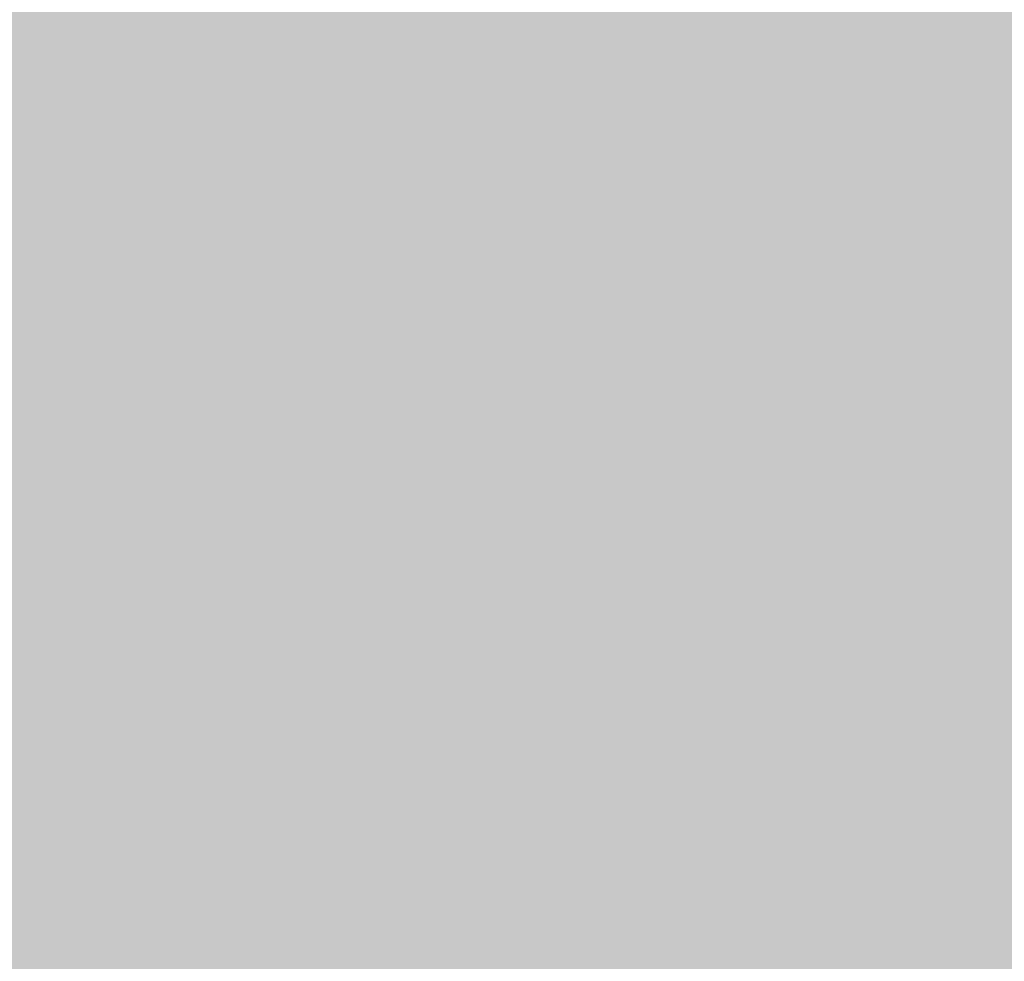
# Model space of a CAD drawing. Units: millimetres. Extents: x 0 to 2267, y 0 to 1823.
# Tile 202 of 256: x 1838.83 to 1841.442, y 1129.649 to 1132.147. Entities that reach past the tile are written whole.
import ezdxf

# ---------------------------------------------------------------- set-up
doc = ezdxf.new("R2010")
doc.units = ezdxf.units.MM
doc.header["$MEASUREMENT"] = 0
doc.layers.add('M-HATC', color=252, linetype='Continuous', lineweight=18)

msp = doc.modelspace()

# ---------------------------------------------------------------- hatches: boundary and pattern name
at = {"layer": 'M-HATC'}
h = msp.add_hatch(color=256, dxfattribs=at)
h.dxf.hatch_style = 1
h.paths.add_polyline_path([(2055.771, 1603.062), (1381.0868, 1603.062), (1381.0868, 1598.062), (2055.771, 1598.062)])
h.paths.add_polyline_path([(2055.771, 1598.062), (1381.0868, 1598.062), (1381.0868, 1593.062), (2055.771, 1593.062)])
h.paths.add_polyline_path([(2051.3074, 1536.7609), (1385.5504, 1536.7609), (1385.5504, 1526.7609), (1387.5504, 1526.7609), (1388.5366, 1525.0528), (1385.3319, 1521.2335), (1385.3319, 1521.2226), (2050.2542, 1522.7491), (2048.3212, 1525.0528), (2049.3074, 1526.7609), (2051.3074, 1526.7609)])
edge = h.paths.add_edge_path()
edge.add_arc((1847.5345, 1379.1492), 135, 222.603061, 222.890851, ccw=False)
edge.add_line((1748.1663, 1287.7656), (1683.0921, 1287.7656))
edge.add_arc((1583.7239, 1379.1492), 135, 317.109149, 317.396939, ccw=False)
edge.add_arc((1678.9686, 1290.6707), 5, 222.8909, 317.1091, ccw=False)
edge.add_arc((1774.2133, 1379.1492), 135, 222.603061, 222.890851, ccw=False)
edge.add_line((1674.8451, 1287.7656), (1609.7709, 1287.7656))
edge.add_arc((1510.4027, 1379.1492), 135, 317.109149, 317.396939, ccw=False)
edge.add_arc((1605.6474, 1290.6707), 5, 222.8909, 317.1091, ccw=False)
edge.add_arc((1700.8921, 1379.1492), 135, 222.603061, 222.890851, ccw=False)
edge.add_line((1601.5239, 1287.7656), (1536.4497, 1287.7656))
edge.add_arc((1437.0815, 1379.1492), 135, 317.109149, 317.396939, ccw=False)
edge.add_arc((1532.3262, 1290.6707), 5, 222.8909, 317.1091, ccw=False)
edge.add_arc((1627.5709, 1379.1492), 135, 222.603061, 222.890851, ccw=False)
edge.add_line((1528.2027, 1287.7656), (1505.9289, 1287.7656))
edge.add_spline(control_points=[(1505.9289, 1287.7656), (1504.2622, 1287.7656), (1504.2622, 1282.7656), (1505.9289, 1282.7656)], knot_values=[0, 0, 0, 0, 5, 5, 5, 5], degree=3, periodic=0)
edge.add_line((1505.9289, 1282.7656), (1930.9289, 1282.7656))
edge.add_spline(control_points=[(1930.9289, 1282.7656), (1932.5956, 1282.7656), (1932.5956, 1287.7656), (1930.9289, 1287.7656)], knot_values=[0, 0, 0, 0, 5, 5, 5, 5], degree=3, periodic=0)
edge.add_line((1930.9289, 1287.7656), (1903.0557, 1287.7656))
edge.add_arc((1803.6875, 1379.1492), 135, 317.109149, 317.396939, ccw=False)
edge.add_arc((1898.9322, 1290.6707), 5, 222.8909, 317.1091, ccw=False)
edge.add_arc((1994.1769, 1379.1492), 135, 222.603061, 222.890851, ccw=False)
edge.add_line((1894.8087, 1287.7656), (1829.7345, 1287.7656))
edge.add_arc((1730.3663, 1379.1492), 135, 317.109149, 317.396939, ccw=False)
edge.add_arc((1825.611, 1290.6707), 5, 222.8909, 317.1091, ccw=False)
edge.add_arc((1920.8557, 1379.1492), 135, 222.603061, 222.890851, ccw=False)
edge.add_line((1821.4875, 1287.7656), (1756.4133, 1287.7656))
edge.add_arc((1657.0451, 1379.1492), 135, 317.109149, 317.396939, ccw=False)
edge.add_arc((1752.2898, 1290.6707), 5, 222.8909, 317.1091, ccw=False)
edge = h.paths.add_edge_path()
edge.add_spline(control_points=[(1843.4289, 1227.2475), (1845.0956, 1227.2475), (1845.0956, 1232.2475), (1843.4289, 1232.2475)], knot_values=[0, 0, 0, 0, 5, 5, 5, 5], degree=3, periodic=0)
edge.add_line((1843.4289, 1232.2475), (1593.4289, 1232.2475))
edge.add_spline(control_points=[(1593.4289, 1232.2475), (1591.7622, 1232.2475), (1591.7622, 1227.2475), (1593.4289, 1227.2475)], knot_values=[0, 0, 0, 0, 5, 5, 5, 5], degree=3, periodic=0)
edge.add_line((1593.4289, 1227.2475), (1843.4289, 1227.2475))
h.paths.add_polyline_path([(1905.9289, 1127.4171), (1530.9289, 1127.4171, 0.414214), (1520.9289, 1117.4171), (1530.9289, 1117.4171), (1915.9289, 1117.4171, 0.414214)])
edge = h.paths.add_edge_path()
edge.add_arc((1397.0858, 1498.4078), 12.7299, 90.78215, 190.87871, ccw=False)
edge.add_line((1396.912, 1511.1365), (1428.0097, 1511.3488))
edge.add_line((1428.0097, 1511.3488), (1433.0097, 1511.3488))
edge.add_line((1433.0097, 1511.3488), (1434.439, 1511.3488))
edge.add_arc((1419.474, 1498.0804), 20, 41.561, 74.08211)
edge.add_line((1424.9592, 1517.3135), (1399.9351, 1517.2561))
edge.add_spline(control_points=[(1399.9307, 1517.2561), (1399.884, 1517.2131), (1399.8328, 1517.1689), (1399.7774, 1517.1236)], knot_values=[11.567499, 11.567499, 11.567499, 11.567499, 11.814249, 11.814249, 11.814249, 11.814249], degree=3, periodic=0)
edge.add_spline(control_points=[(1399.6328, 1517.0099), (1399.5831, 1516.9721), (1399.5307, 1516.9338), (1399.4759, 1516.8947)], knot_values=[11.167718, 11.167718, 11.167718, 11.167718, 11.365188, 11.365188, 11.365188, 11.365188], degree=3, periodic=0)
edge.add_spline(control_points=[(1399.3398, 1516.8001), (1399.1514, 1516.6719), (1398.9384, 1516.5377), (1398.704, 1516.3994)], knot_values=[10.376405, 10.376405, 10.376405, 10.376405, 11.00994, 11.00994, 11.00994, 11.00994], degree=3, periodic=0)
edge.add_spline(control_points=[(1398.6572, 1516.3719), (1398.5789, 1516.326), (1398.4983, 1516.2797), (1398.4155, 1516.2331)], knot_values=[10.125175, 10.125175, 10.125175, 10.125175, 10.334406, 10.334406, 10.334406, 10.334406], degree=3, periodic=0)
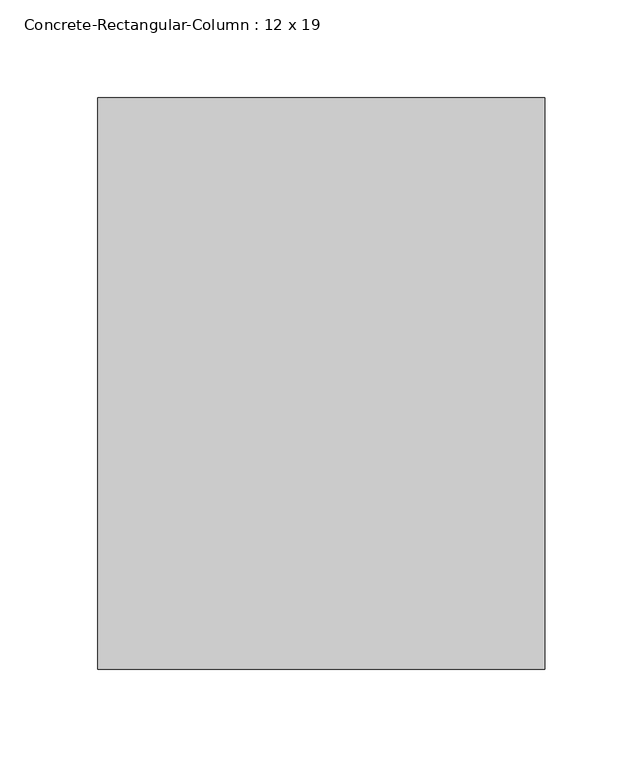
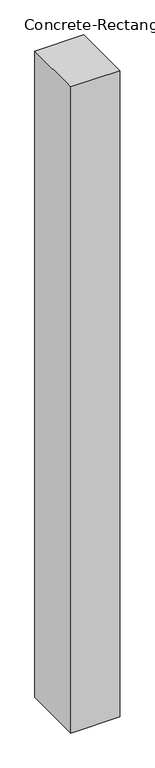
"""IFC4 building model written with IfcOpenShell, lengths in millimetres: column geometry, Concrete-Rectangular-Column : 12 x 19."""

from ifc_helpers import new_model, si_unit, frame, origin, place, context, project, spatial, polyline, outline, extrude, source, transform, mapped, element, save


def concrete_rectangular_column_12_x_19_f479a93c(model_context):
    return source(origin(), model_context, "Body", "SweptSolid", [
        extrude(outline(polyline([(114.3, 146.05), (114.3, -146.05), (-114.3, -146.05), (-114.3, 146.05), (114.3, 146.05)])), frame((0.0, 0.0, 3200.4), z_axis=(0.0, 0.0, 1.0), x_axis=(1.0, 0.0, 0.0)), (0.0, 0.0, 1.0), 3200.4),
    ])


if __name__ == "__main__":
    model = new_model("IFC4")
    model_context = context("Model", 3, world=origin())
    ifc_project = project(units=[si_unit("LENGTHUNIT", "METRE", prefix="MILLI")], contexts=[model_context])
    site = spatial("IfcSite", under=ifc_project)
    building = spatial("IfcBuilding", under=site)
    placement = place(None, origin())
    concrete_rectangular_column_12_x_19_shape = concrete_rectangular_column_12_x_19_f479a93c(model_context)
    element("IfcColumn", 1, ObjectType="Concrete-Rectangular-Column : 12 x 19", at=placement, inside=building, context=model_context, shape_type="MappedRepresentation", body=[
        mapped(concrete_rectangular_column_12_x_19_shape, transform((0.0, 0.0, 0.0), x_axis=(1.0, 0.0, 0.0), y_axis=(0.0, 1.0, 0.0), z_axis=(0.0, 0.0, 1.0))),
    ])
    save(model, "model.ifc")

# Revit data of these elements
# Type "Concrete-Rectangular-Column : 12 x 19"
#   Assembly Code = "B10"
#   b = 0' - 9"
#   h = 0' - 11 1/2"
#   Structural Material [instance default] = Concrete, Cast-in-Place gray
# Element 1 (IfcColumn, "Concrete-Rectangular-Column : 12 x 19")
#   Structural Material = Concrete Masonry Units
#   Materials on its faces: "Concrete Masonry Units"
# Materials
#   "Concrete, Cast-in-Place gray": class "Concrete", colour RGB 192 192 192, transparency 0, Description = "Cast-in-place concrete", Cost = 0
#   "Concrete Masonry Units": class "Masonry", colour RGB 63 63 63, transparency 0, Description = "Concrete masonry units", Cost = 0

-=-=-=-=-

#### Problem statement:
From the material above, copy out every line bearing the string "colour".

#### Result of this exercise:
#   "Concrete, Cast-in-Place gray": class "Concrete", colour RGB 192 192 192, transparency 0, Description = "Cast-in-place concrete", Cost = 0
#   "Concrete Masonry Units": class "Masonry", colour RGB 63 63 63, transparency 0, Description = "Concrete masonry units", Cost = 0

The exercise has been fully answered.